### Prompt:
When counting, include every line of the data that holds "import", then state the total alone.

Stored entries
━━━━━━━━━━━━━━━━━━━━━━━━━━━━━━

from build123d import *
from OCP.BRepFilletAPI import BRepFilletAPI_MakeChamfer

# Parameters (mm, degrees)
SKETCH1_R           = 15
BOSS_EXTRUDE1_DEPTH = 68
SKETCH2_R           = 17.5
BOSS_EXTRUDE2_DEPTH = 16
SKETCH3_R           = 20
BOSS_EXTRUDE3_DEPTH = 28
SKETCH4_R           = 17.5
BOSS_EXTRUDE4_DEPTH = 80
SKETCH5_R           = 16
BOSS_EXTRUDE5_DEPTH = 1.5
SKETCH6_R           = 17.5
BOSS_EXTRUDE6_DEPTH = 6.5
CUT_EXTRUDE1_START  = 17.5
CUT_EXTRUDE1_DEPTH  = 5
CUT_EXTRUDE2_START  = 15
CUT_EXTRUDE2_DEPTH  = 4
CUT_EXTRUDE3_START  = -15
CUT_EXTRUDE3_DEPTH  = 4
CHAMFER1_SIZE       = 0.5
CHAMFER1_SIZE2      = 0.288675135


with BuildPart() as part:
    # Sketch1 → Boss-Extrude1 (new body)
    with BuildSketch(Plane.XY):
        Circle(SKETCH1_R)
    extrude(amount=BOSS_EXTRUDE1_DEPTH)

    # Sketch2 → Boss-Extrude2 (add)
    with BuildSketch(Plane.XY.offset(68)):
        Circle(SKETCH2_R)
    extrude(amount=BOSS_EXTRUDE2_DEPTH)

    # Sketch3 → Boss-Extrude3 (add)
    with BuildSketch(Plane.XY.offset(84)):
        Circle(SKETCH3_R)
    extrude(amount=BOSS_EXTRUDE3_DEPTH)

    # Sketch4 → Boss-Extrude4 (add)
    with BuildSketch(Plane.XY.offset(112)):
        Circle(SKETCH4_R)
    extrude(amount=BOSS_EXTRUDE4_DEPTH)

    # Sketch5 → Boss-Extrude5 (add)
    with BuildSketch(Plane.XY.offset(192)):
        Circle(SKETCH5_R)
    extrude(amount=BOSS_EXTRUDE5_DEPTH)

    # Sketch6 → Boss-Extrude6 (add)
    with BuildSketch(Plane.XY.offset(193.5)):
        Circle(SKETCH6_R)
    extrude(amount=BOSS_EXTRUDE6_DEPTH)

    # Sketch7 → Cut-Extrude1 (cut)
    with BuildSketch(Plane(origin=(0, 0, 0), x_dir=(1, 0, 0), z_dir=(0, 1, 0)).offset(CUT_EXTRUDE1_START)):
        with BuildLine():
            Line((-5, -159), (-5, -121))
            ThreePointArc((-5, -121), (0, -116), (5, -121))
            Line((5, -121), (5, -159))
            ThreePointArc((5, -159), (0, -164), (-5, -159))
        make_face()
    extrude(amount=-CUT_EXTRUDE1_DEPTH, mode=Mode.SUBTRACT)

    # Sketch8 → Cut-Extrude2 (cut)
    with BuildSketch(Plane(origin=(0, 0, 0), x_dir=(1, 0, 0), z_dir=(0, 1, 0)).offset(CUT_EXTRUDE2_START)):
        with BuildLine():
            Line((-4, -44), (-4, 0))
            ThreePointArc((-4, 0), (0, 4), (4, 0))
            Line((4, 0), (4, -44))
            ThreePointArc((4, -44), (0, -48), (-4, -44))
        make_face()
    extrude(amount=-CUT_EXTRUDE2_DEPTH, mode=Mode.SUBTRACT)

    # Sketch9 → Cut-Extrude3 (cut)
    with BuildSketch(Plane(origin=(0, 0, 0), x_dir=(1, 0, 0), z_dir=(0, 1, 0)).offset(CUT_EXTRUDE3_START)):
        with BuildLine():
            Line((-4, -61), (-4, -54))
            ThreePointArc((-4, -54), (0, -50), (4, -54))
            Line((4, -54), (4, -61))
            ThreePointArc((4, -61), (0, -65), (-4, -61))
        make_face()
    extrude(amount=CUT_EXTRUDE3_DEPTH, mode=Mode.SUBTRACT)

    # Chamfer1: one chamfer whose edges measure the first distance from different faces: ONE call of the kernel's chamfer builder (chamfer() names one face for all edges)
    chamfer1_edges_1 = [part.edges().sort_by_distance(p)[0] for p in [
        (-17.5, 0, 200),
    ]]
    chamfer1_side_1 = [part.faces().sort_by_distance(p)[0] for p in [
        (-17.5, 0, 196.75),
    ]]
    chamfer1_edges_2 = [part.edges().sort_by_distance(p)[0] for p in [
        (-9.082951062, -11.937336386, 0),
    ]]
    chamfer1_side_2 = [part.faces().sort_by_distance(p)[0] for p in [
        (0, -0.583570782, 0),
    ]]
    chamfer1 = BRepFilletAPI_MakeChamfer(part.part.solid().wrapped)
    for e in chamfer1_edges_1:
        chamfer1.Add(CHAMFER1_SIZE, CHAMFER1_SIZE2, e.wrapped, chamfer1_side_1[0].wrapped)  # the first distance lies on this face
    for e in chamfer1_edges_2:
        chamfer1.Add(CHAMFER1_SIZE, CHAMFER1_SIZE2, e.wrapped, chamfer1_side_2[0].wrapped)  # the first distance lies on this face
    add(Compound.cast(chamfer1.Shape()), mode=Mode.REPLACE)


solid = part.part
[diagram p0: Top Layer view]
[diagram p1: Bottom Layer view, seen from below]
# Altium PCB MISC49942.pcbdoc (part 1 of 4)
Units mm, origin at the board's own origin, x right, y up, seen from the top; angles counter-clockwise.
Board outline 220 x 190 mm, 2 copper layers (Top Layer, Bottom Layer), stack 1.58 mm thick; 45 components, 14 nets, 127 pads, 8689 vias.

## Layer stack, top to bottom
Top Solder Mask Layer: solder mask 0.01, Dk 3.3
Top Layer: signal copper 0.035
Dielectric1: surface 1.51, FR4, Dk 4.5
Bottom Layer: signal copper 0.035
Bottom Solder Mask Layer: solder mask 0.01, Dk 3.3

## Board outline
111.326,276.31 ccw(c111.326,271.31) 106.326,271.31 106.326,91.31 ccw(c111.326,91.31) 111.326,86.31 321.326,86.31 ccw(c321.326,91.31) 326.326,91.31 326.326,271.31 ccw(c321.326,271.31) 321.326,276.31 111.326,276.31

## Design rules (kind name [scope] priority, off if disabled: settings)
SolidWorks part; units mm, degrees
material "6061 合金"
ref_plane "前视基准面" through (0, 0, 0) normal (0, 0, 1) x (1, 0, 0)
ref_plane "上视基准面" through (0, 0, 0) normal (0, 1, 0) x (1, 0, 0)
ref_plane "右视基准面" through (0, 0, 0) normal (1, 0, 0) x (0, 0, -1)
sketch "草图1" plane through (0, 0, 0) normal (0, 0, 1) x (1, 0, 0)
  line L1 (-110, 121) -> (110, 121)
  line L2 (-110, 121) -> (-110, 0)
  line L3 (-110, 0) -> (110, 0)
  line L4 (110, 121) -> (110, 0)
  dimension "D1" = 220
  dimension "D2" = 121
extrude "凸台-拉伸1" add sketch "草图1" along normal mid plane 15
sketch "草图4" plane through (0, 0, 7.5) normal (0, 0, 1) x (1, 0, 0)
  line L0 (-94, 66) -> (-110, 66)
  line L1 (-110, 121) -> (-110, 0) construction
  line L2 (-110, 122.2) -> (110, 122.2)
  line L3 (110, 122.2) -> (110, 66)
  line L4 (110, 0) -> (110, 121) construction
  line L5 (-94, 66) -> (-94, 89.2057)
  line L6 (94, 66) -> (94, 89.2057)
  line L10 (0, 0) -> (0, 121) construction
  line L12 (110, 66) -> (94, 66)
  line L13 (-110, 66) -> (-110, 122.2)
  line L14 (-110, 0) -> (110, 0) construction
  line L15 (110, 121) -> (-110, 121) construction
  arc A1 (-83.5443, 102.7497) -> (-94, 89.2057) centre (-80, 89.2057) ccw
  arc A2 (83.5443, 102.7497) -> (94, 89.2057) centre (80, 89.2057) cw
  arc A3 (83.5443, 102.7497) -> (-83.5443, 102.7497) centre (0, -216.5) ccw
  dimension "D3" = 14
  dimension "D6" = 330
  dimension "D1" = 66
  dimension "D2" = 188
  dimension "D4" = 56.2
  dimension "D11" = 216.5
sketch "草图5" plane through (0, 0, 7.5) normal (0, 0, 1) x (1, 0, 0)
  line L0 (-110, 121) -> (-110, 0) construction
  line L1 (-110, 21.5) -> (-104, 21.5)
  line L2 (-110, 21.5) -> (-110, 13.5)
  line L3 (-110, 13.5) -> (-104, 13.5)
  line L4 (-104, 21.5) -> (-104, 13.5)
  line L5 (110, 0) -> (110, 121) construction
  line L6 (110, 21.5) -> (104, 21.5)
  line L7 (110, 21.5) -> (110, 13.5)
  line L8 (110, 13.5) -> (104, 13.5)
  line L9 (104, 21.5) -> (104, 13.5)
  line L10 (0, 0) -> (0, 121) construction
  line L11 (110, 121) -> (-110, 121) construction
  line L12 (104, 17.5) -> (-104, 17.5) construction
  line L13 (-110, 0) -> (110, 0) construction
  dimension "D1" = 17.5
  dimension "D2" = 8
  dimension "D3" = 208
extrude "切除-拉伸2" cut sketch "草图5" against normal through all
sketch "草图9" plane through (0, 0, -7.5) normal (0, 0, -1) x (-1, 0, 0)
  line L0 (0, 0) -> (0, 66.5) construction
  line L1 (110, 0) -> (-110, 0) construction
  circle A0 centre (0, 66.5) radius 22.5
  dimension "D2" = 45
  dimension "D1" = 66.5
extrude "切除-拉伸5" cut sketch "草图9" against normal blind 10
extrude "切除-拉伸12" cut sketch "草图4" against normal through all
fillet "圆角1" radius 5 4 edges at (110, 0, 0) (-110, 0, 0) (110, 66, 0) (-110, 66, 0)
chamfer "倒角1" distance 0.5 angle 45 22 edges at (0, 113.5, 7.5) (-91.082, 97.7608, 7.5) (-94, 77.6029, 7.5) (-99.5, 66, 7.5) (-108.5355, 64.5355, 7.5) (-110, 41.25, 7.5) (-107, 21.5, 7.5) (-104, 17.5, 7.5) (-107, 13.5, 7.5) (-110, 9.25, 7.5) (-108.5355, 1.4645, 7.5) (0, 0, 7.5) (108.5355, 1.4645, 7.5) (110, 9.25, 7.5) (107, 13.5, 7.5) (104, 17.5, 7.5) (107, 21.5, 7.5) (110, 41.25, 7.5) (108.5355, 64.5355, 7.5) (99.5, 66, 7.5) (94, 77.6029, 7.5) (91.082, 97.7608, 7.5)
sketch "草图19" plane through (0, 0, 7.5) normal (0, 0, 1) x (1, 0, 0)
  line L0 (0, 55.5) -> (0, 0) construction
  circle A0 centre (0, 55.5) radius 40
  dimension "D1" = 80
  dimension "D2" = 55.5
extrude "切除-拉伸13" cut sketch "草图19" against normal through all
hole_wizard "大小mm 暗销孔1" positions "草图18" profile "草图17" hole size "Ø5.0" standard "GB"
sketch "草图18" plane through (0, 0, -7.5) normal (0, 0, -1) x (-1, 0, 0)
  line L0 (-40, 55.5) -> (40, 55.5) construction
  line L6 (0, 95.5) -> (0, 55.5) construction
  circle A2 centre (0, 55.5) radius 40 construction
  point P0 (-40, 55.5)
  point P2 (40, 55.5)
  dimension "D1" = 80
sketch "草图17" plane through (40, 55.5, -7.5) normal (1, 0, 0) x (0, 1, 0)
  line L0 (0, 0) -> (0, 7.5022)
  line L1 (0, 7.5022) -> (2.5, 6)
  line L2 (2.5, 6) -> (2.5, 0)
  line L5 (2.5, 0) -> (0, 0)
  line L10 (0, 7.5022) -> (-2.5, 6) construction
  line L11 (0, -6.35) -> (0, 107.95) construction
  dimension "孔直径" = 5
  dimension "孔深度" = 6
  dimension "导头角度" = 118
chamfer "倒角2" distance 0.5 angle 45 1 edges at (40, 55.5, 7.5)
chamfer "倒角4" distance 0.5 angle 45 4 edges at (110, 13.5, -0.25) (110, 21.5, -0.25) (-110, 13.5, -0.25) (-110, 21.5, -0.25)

━━━━━━━━━━━━━━━━━━━━━━━━━━━━━━

### Solution to the problem:
2